▶ [Task statement] Each line of the records below that holds "CIRCLE" should be copied out.

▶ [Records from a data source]
※ ※ ※

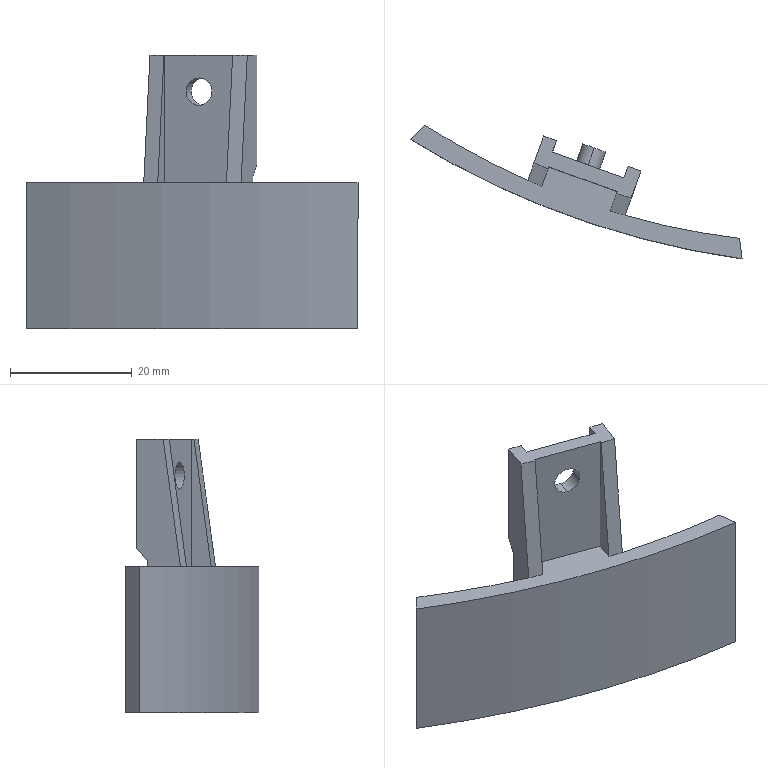Component | SolidWorks | CLS-MechanismIndicatorPlate-1 | 1 solid | 32 faces | box 54.57 x 21.97 x 45 mm | volume 6378 mm3 | plane 23 | cylinder 7 | cone 2 | commonest cylinder face diameters 4 x2 4.5 x2 247.05 x2 283.333 x1
STEP:
#1=CARTESIAN_POINT('',(1.558,-2.417,-0.8662));
#2=VERTEX_POINT('',#1);
#3=CARTESIAN_POINT('',(1.558,-2.417,-0.7087));
#4=VERTEX_POINT('',#3);
#5=CARTESIAN_POINT('',(1.558,-2.417,-0.7874));
#6=DIRECTION('',(0.3389,0.9408,-0.));
#7=DIRECTION('',(0.,-0.,-1.));
#8=AXIS2_PLACEMENT_3D('',#5,#6,#7);
#9=CIRCLE('',#8,0.07874);
#10=EDGE_CURVE('',#2,#4,#9,.T.);
#11=ORIENTED_EDGE('',*,*,#10,.F.);
#12=CARTESIAN_POINT('',(1.518,-2.528,-0.8662));
#13=VERTEX_POINT('',#12);
#14=CARTESIAN_POINT('',(1.558,-2.417,-0.8662));
#15=DIRECTION('',(-0.3389,-0.9408,0.));
#16=VECTOR('',#15,39.37);
#17=LINE('',#14,#16);
#18=EDGE_CURVE('',#2,#13,#17,.T.);
#19=ORIENTED_EDGE('',*,*,#18,.T.);
#20=CARTESIAN_POINT('',(1.518,-2.528,-0.7087));
#21=VERTEX_POINT('',#20);
#22=CARTESIAN_POINT('',(1.518,-2.528,-0.7874));
#23=DIRECTION('',(0.3389,0.9408,-0.));
#24=DIRECTION('',(0.,0.,-1.));
#25=AXIS2_PLACEMENT_3D('',#22,#23,#24);
#26=CIRCLE('',#25,0.07874);
#27=EDGE_CURVE('',#13,#21,#26,.T.);
#28=ORIENTED_EDGE('',*,*,#27,.T.);
#29=CARTESIAN_POINT('',(1.558,-2.417,-0.7087));
#30=DIRECTION('',(-0.3389,-0.9408,0.));
#31=VECTOR('',#30,39.37);
#32=LINE('',#29,#31);
#33=EDGE_CURVE('',#4,#21,#32,.T.);
#34=ORIENTED_EDGE('',*,*,#33,.F.);
#35=EDGE_LOOP('',(#11,#19,#28,#34));
#36=FACE_OUTER_BOUND('',#35,.T.);
#37=CARTESIAN_POINT('',(1.558,-2.417,-0.7874));
#38=DIRECTION('',(-0.3389,-0.9408,0.));
#39=DIRECTION('',(0.,0.,1.));
#40=AXIS2_PLACEMENT_3D('',#37,#38,#39);
#41=CYLINDRICAL_SURFACE('',#40,0.07874);
#42=ADVANCED_FACE('',(#36),#41,.T.);
#43=CARTESIAN_POINT('',(1.485,-2.62,-0.3051));
#44=VERTEX_POINT('',#43);
#45=CARTESIAN_POINT('',(1.485,-2.62,-0.4823));
#46=VERTEX_POINT('',#45);
#47=CARTESIAN_POINT('',(1.485,-2.62,-0.3937));
#48=DIRECTION('',(0.3389,0.9408,-0.));
#49=DIRECTION('',(-0.9408,0.3389,0.));
#50=AXIS2_PLACEMENT_3D('',#47,#48,#49);
#51=CIRCLE('',#50,0.08858);
#52=EDGE_CURVE('',#44,#46,#51,.T.);
#53=ORIENTED_EDGE('',*,*,#52,.F.);
#54=CARTESIAN_POINT('',(1.518,-2.528,-0.3051));
#55=VERTEX_POINT('',#54);
#56=CARTESIAN_POINT('',(1.425,-2.787,-0.3051));
#57=DIRECTION('',(0.3389,0.9408,-0.));
#58=VECTOR('',#57,39.37);
#59=LINE('',#56,#58);
#60=EDGE_CURVE('',#44,#55,#59,.T.);
#61=ORIENTED_EDGE('',*,*,#60,.T.);
#62=CARTESIAN_POINT('',(1.518,-2.528,-0.4823));
#63=VERTEX_POINT('',#62);
#64=CARTESIAN_POINT('',(1.518,-2.528,-0.3937));
#65=DIRECTION('',(0.3389,0.9408,-0.));
#66=DIRECTION('',(0.,-0.,-1.));
#67=AXIS2_PLACEMENT_3D('',#64,#65,#66);
#68=CIRCLE('',#67,0.08858);
#69=EDGE_CURVE('',#55,#63,#68,.T.);
#70=ORIENTED_EDGE('',*,*,#69,.T.);
#71=CARTESIAN_POINT('',(1.425,-2.787,-0.4823));
#72=DIRECTION('',(0.3389,0.9408,-0.));
#73=VECTOR('',#72,39.37);
#74=LINE('',#71,#73);
#75=EDGE_CURVE('',#46,#63,#74,.T.);
#76=ORIENTED_EDGE('',*,*,#75,.F.);
#77=EDGE_LOOP('',(#53,#61,#70,#76));
#78=FACE_OUTER_BOUND('',#77,.T.);
#79=CARTESIAN_POINT('',(1.425,-2.787,-0.3937));
#80=DIRECTION('',(0.3389,0.9408,-0.));
#81=DIRECTION('',(0.,-0.,-1.));
#82=AXIS2_PLACEMENT_3D('',#79,#80,#81);
#83=CYLINDRICAL_SURFACE('',#82,0.08858);
#84=ADVANCED_FACE('',(#78),#83,.F.);
#85=CARTESIAN_POINT('',(1.287,-2.444,-0.9449));
#86=VERTEX_POINT('',#85);
#87=CARTESIAN_POINT('',(1.203,-2.414,-0.9449));
#88=VERTEX_POINT('',#87);
#89=CARTESIAN_POINT('',(1.287,-2.444,-0.9449));
#90=DIRECTION('',(-0.9408,0.3389,0.));
#91=VECTOR('',#90,39.37);
#92=LINE('',#89,#91);
#93=EDGE_CURVE('',#86,#88,#92,.T.);
#94=ORIENTED_EDGE('',*,*,#93,.F.);
#95=CARTESIAN_POINT('',(1.287,-2.444,-0.1575));
#96=VERTEX_POINT('',#95);
#97=CARTESIAN_POINT('',(1.287,-2.444,-0.1575));
#98=DIRECTION('',(-0.,-0.,-1.));
#99=VECTOR('',#98,39.37);
#100=LINE('',#97,#99);
#101=EDGE_CURVE('',#96,#86,#100,.T.);
#102=ORIENTED_EDGE('',*,*,#101,.F.);
#103=CARTESIAN_POINT('',(1.75,-2.611,-0.1575));
#104=VERTEX_POINT('',#103);
#105=CARTESIAN_POINT('',(1.203,-2.414,-0.1575));
#106=DIRECTION('',(-0.9408,0.3389,0.));
#107=VECTOR('',#106,39.37);
#108=LINE('',#105,#107);
#109=EDGE_CURVE('',#104,#96,#108,.T.);
#110=ORIENTED_EDGE('',*,*,#109,.F.);
#111=CARTESIAN_POINT('',(1.75,-2.611,-0.9449));
#112=VERTEX_POINT('',#111);
#113=CARTESIAN_POINT('',(1.75,-2.611,-0.1575));
#114=DIRECTION('',(0.,0.,1.));
#115=VECTOR('',#114,39.37);
#116=LINE('',#113,#115);
#117=EDGE_CURVE('',#112,#104,#116,.T.);
#118=ORIENTED_EDGE('',*,*,#117,.F.);
#119=CARTESIAN_POINT('',(1.833,-2.641,-0.9449));
#120=VERTEX_POINT('',#119);
#121=CARTESIAN_POINT('',(1.833,-2.641,-0.9449));
#122=DIRECTION('',(-0.9408,0.3389,0.));
#123=VECTOR('',#122,39.37);
#124=LINE('',#121,#123);
#125=EDGE_CURVE('',#120,#112,#124,.T.);
#126=ORIENTED_EDGE('',*,*,#125,.F.);
#127=CARTESIAN_POINT('',(1.833,-2.641,-1.929));
#128=VERTEX_POINT('',#127);
#129=CARTESIAN_POINT('',(1.833,-2.641,-0.9843));
#130=DIRECTION('',(-0.,-0.,-1.));
#131=VECTOR('',#130,39.37);
#132=LINE('',#129,#131);
#133=EDGE_CURVE('',#120,#128,#132,.T.);
#134=ORIENTED_EDGE('',*,*,#133,.T.);
#135=CARTESIAN_POINT('',(1.203,-2.414,-1.929));
#136=VERTEX_POINT('',#135);
#137=CARTESIAN_POINT('',(0.4996,-2.161,-1.929));
#138=DIRECTION('',(0.9408,-0.3389,-0.));
#139=VECTOR('',#138,39.37);
#140=LINE('',#137,#139);
#141=EDGE_CURVE('',#136,#128,#140,.T.);
#142=ORIENTED_EDGE('',*,*,#141,.F.);
#143=CARTESIAN_POINT('',(1.203,-2.414,-0.9843));
#144=DIRECTION('',(-0.,-0.,-1.));
#145=VECTOR('',#144,39.37);
#146=LINE('',#143,#145);
#147=EDGE_CURVE('',#88,#136,#146,.T.);
#148=ORIENTED_EDGE('',*,*,#147,.F.);
#149=EDGE_LOOP('',(#94,#102,#110,#118,#126,#134,#142,#148));
#150=FACE_OUTER_BOUND('',#149,.T.);
#151=CARTESIAN_POINT('',(1.314,-2.454,-1.811));
#152=VERTEX_POINT('',#151);
#153=CARTESIAN_POINT('',(1.314,-2.454,-1.095));
#154=VERTEX_POINT('',#153);
#155=CARTESIAN_POINT('',(1.314,-2.454,-1.095));
#156=DIRECTION('',(0.,0.,1.));
#157=VECTOR('',#156,39.37);
#158=LINE('',#155,#157);
#159=EDGE_CURVE('',#152,#154,#158,.T.);
#160=ORIENTED_EDGE('',*,*,#159,.F.);
#161=CARTESIAN_POINT('',(1.722,-2.601,-1.811));
#162=VERTEX_POINT('',#161);
#163=CARTESIAN_POINT('',(1.722,-2.601,-1.811));
#164=DIRECTION('',(-0.9408,0.3389,0.));
#165=VECTOR('',#164,39.37);
#166=LINE('',#163,#165);
#167=EDGE_CURVE('',#162,#152,#166,.T.);
#168=ORIENTED_EDGE('',*,*,#167,.F.);
#169=CARTESIAN_POINT('',(1.722,-2.601,-1.095));
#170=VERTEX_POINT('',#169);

※ ※ ※

▶ [Solution for this task]
#9=CIRCLE('',#8,0.07874);
#26=CIRCLE('',#25,0.07874);
#51=CIRCLE('',#50,0.08858);
#68=CIRCLE('',#67,0.08858);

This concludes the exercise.